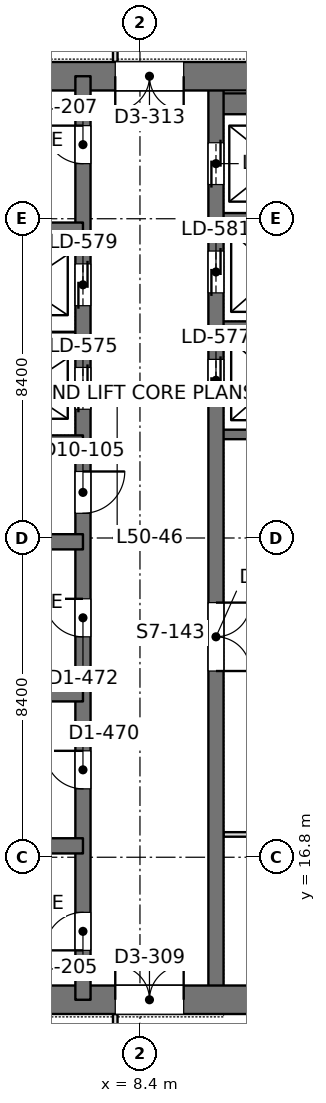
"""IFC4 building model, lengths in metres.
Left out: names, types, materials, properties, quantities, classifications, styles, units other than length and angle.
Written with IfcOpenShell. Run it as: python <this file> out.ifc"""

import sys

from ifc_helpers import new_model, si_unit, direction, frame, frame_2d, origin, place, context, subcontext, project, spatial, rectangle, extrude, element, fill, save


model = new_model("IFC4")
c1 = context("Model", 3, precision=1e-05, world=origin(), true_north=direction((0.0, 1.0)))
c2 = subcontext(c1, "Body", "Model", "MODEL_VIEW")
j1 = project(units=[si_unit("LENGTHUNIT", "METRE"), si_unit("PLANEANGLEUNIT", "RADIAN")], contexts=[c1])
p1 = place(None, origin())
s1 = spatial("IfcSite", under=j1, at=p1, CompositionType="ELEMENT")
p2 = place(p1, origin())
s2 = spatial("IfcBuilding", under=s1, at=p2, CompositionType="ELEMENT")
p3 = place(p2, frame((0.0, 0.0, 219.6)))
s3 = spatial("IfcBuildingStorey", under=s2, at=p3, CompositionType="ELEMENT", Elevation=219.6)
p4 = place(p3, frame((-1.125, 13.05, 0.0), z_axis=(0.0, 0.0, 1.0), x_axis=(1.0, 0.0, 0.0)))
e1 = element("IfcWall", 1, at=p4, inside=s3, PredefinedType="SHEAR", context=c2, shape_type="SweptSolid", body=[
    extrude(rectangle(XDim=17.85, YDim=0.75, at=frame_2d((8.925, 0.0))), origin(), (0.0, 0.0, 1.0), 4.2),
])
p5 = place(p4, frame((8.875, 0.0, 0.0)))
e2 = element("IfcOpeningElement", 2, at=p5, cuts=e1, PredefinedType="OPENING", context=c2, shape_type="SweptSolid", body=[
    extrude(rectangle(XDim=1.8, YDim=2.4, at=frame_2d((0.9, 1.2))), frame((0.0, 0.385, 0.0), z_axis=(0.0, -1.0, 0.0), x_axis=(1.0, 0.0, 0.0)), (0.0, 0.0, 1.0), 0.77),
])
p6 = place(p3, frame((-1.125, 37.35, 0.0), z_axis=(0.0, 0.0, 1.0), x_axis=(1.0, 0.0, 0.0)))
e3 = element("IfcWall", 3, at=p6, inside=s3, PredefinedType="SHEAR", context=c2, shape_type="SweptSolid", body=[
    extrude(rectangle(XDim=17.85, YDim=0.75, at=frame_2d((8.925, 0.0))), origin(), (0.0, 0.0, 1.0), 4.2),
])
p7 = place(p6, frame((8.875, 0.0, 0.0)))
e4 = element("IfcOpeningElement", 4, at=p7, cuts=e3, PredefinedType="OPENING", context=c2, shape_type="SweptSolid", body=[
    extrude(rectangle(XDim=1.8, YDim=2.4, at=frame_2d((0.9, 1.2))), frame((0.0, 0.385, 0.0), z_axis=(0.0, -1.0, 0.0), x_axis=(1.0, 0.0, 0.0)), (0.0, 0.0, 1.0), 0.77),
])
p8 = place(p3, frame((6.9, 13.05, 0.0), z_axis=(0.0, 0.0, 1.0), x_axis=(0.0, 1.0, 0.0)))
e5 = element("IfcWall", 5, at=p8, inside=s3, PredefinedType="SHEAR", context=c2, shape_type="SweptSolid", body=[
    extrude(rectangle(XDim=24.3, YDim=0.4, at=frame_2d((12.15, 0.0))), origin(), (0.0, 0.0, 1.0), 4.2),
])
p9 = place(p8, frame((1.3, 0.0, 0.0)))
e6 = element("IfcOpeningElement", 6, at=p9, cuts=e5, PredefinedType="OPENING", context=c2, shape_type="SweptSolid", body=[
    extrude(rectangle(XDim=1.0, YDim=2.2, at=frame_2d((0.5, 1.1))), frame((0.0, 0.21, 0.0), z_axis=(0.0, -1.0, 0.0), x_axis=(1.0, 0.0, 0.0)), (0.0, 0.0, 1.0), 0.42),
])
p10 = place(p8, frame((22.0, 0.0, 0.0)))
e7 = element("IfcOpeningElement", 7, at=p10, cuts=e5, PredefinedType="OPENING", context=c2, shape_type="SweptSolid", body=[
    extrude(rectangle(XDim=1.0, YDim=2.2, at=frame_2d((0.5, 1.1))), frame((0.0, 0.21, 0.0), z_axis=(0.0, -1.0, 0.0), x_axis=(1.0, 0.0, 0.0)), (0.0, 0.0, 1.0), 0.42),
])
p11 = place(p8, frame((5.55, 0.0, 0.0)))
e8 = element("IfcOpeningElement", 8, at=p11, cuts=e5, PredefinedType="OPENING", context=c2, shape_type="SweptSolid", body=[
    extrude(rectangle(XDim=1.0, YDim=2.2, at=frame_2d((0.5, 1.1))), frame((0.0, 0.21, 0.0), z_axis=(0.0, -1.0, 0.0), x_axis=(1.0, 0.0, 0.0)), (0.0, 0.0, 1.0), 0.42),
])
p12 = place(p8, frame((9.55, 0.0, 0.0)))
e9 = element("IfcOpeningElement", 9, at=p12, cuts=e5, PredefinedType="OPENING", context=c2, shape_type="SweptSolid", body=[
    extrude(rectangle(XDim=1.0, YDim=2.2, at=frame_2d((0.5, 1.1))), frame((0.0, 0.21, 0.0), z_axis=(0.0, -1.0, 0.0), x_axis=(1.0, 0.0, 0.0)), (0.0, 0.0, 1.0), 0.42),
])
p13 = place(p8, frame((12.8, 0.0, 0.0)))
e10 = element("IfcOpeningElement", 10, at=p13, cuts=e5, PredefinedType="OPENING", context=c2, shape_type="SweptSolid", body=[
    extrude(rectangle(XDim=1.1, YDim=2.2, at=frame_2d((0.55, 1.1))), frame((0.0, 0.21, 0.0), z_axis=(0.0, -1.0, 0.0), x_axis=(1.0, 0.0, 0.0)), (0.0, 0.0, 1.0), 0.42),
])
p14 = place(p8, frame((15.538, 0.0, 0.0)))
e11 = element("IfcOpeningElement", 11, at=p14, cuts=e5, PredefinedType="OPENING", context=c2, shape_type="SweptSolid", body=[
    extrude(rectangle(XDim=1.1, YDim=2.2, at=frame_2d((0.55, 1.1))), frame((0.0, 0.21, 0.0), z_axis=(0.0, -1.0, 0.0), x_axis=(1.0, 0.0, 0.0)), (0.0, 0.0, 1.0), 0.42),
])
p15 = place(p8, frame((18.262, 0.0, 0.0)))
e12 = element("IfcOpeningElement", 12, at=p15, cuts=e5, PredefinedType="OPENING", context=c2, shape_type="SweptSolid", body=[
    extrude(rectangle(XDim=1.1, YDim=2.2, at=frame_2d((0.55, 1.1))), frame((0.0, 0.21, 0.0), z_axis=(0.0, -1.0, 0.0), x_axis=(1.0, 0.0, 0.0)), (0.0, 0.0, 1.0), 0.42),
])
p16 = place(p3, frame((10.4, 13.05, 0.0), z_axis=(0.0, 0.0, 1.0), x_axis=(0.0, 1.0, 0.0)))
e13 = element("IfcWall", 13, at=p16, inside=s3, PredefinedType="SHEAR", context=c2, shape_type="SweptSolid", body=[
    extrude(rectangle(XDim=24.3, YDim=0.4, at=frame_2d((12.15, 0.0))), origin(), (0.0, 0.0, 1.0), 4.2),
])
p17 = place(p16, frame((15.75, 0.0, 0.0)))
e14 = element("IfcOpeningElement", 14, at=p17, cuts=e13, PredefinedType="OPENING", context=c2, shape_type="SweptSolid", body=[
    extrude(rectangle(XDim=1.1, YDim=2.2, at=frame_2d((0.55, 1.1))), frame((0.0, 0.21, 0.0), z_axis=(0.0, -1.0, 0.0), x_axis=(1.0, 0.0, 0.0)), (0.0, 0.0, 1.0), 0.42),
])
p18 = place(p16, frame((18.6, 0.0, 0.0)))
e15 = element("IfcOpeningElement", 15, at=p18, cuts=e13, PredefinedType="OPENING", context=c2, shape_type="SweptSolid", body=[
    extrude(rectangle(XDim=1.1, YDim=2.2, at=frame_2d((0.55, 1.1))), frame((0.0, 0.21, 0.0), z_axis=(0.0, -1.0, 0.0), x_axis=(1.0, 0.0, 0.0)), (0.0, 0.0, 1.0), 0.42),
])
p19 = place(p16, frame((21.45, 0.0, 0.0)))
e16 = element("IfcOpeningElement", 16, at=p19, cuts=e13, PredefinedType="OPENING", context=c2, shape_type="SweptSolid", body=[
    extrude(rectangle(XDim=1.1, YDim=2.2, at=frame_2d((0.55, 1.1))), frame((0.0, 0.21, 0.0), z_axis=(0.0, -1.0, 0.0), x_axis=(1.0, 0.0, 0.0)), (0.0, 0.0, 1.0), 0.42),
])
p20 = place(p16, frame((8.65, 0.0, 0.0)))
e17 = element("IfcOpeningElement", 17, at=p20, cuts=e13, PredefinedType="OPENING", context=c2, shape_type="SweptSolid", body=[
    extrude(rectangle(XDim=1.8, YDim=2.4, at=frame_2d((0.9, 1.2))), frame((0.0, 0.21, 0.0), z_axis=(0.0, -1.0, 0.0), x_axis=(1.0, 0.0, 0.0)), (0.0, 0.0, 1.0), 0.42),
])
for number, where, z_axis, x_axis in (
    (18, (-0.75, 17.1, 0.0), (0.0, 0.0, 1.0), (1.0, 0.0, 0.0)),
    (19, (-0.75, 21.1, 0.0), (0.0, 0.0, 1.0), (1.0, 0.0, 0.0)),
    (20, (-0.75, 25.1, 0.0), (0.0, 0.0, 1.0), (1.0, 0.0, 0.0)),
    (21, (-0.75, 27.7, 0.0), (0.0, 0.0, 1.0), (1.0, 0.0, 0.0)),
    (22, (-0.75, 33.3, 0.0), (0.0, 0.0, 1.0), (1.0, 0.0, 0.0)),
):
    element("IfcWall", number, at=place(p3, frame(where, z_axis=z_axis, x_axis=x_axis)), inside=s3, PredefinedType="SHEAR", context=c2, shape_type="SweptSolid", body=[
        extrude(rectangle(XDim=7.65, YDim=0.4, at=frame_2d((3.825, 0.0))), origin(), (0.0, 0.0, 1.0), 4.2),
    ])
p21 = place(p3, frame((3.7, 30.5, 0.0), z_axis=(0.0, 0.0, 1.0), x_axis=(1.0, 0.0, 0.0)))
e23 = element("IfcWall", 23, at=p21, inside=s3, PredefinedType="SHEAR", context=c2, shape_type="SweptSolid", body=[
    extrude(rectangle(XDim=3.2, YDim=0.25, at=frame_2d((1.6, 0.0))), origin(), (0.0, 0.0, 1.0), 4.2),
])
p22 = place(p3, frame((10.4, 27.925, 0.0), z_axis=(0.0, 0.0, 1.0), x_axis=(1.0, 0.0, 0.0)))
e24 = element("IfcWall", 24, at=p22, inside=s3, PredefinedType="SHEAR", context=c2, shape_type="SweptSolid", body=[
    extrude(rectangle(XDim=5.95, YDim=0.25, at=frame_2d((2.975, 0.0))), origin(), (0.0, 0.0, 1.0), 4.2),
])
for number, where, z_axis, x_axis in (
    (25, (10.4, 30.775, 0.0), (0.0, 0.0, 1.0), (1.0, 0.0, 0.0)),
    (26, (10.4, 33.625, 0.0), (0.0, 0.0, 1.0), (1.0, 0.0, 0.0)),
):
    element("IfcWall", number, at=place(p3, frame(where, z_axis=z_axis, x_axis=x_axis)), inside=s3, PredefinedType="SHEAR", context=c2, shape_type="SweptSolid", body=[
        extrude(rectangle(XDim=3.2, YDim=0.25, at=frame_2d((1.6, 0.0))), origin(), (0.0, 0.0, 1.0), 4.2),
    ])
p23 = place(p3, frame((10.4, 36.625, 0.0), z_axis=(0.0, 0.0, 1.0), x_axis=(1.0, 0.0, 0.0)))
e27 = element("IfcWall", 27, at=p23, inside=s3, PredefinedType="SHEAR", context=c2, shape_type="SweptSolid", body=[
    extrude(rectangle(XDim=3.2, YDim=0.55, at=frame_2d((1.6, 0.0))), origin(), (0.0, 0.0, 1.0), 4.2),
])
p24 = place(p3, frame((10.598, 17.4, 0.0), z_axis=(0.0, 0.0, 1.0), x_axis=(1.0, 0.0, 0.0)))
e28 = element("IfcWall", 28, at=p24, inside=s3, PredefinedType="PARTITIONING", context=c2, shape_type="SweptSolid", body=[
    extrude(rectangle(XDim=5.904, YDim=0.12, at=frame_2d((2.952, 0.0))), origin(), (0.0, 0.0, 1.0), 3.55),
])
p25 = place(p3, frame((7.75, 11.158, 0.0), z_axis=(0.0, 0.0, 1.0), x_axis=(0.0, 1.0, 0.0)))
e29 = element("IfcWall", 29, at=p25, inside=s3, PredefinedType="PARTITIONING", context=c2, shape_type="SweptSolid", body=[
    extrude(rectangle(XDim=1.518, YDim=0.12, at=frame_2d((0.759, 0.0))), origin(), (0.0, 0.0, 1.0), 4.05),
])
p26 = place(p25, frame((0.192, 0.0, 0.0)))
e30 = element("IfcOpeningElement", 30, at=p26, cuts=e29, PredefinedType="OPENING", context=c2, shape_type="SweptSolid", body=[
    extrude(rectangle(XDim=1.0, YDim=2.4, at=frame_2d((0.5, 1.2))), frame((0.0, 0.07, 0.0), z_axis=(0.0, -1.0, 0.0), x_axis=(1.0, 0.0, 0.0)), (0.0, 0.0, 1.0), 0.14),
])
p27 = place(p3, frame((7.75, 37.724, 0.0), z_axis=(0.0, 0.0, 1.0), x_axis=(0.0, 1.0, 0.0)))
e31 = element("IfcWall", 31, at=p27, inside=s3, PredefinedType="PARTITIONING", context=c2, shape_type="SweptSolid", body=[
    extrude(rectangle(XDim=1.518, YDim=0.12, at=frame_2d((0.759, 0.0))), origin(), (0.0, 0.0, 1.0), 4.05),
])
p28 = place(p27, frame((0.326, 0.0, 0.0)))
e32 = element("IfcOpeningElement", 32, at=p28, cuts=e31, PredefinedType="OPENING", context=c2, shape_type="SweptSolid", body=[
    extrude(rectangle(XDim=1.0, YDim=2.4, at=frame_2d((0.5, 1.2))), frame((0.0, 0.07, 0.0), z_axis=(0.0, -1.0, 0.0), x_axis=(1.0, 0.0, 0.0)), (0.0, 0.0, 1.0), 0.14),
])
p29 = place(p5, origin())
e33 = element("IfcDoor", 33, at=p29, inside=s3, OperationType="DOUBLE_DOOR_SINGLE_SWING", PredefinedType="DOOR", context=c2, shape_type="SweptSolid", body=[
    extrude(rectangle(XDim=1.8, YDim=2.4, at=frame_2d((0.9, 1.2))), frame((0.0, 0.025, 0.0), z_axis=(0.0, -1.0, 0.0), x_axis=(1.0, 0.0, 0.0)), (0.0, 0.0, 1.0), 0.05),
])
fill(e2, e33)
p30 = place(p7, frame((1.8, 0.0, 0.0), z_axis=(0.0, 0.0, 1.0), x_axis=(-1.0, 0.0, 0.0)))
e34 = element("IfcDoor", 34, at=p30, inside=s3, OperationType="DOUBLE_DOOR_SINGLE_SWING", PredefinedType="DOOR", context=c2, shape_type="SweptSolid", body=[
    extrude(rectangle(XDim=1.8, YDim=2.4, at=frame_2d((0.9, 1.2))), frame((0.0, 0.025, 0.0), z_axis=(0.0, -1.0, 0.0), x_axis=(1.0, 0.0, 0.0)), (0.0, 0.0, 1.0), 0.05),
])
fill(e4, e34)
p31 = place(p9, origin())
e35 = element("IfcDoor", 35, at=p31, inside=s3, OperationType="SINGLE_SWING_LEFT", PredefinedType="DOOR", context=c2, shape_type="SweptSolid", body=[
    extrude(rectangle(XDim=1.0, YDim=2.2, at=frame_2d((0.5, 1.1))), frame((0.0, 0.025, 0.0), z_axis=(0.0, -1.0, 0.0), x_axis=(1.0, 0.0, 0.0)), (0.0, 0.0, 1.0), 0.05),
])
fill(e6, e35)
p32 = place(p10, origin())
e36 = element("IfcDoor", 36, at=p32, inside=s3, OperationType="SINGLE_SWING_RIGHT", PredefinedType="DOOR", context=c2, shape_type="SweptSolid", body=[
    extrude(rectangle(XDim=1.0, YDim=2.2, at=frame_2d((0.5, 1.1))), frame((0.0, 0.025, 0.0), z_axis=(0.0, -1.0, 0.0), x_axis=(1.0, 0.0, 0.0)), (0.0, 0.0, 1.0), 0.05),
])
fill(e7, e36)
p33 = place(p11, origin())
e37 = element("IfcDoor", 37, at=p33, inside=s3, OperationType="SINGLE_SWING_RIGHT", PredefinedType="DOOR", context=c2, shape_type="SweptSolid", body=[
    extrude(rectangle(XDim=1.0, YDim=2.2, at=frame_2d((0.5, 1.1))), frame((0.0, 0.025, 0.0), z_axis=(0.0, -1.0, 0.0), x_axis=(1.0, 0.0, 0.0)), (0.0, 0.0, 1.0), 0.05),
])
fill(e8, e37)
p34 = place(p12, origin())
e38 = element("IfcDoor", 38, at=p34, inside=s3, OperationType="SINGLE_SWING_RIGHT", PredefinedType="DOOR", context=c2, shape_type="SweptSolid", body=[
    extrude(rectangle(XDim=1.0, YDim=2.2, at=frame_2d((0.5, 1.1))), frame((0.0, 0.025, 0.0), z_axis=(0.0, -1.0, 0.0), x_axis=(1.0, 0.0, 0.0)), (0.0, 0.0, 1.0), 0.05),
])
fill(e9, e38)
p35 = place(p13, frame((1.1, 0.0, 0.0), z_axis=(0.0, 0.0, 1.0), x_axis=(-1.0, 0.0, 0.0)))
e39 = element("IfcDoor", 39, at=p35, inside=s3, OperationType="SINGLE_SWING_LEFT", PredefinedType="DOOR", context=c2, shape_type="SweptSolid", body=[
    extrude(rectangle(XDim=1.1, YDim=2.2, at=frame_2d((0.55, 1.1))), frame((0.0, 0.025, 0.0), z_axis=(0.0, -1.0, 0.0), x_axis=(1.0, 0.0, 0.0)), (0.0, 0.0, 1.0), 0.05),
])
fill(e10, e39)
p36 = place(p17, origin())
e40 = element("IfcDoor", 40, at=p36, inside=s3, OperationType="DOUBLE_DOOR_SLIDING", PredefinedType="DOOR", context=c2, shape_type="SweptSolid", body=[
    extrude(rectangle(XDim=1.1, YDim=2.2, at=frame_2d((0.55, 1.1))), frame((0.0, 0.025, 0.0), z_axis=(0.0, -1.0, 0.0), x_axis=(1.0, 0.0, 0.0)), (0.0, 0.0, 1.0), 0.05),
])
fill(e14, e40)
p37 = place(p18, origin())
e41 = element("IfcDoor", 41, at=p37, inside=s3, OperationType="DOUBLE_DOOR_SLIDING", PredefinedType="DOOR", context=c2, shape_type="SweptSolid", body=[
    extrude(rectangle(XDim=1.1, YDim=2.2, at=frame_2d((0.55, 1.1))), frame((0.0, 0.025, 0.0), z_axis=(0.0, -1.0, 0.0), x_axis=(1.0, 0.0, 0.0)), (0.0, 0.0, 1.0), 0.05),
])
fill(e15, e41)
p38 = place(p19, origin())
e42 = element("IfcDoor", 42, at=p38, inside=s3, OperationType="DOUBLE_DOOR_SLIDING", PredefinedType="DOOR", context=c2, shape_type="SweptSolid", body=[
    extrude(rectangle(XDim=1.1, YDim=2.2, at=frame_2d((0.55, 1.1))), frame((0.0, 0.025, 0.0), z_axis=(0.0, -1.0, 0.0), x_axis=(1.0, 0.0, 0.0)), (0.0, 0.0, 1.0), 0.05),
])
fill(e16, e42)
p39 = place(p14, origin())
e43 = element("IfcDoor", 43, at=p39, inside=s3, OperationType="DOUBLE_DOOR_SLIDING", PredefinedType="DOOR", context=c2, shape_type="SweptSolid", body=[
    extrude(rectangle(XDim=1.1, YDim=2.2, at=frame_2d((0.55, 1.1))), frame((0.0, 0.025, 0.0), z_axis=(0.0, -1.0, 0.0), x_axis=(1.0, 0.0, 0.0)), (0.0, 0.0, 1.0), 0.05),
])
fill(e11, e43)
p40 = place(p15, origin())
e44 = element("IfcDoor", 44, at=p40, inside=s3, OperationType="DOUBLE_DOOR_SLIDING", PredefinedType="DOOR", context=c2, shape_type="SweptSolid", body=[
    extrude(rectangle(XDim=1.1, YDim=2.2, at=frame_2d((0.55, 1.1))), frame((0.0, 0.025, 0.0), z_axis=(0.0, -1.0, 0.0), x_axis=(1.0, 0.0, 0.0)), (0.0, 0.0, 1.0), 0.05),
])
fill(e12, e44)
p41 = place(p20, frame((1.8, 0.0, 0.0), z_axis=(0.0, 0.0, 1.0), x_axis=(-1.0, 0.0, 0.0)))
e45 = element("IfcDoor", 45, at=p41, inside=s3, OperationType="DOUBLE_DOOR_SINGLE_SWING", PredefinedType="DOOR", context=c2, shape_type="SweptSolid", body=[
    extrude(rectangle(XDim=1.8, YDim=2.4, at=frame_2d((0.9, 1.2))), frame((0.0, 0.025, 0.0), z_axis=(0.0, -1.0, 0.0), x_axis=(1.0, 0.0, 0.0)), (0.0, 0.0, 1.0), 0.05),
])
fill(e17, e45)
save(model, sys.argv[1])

What the task asks:
Exactly how many lines of the data include the word "units"? Reply with that number only.

Solution for this task:
2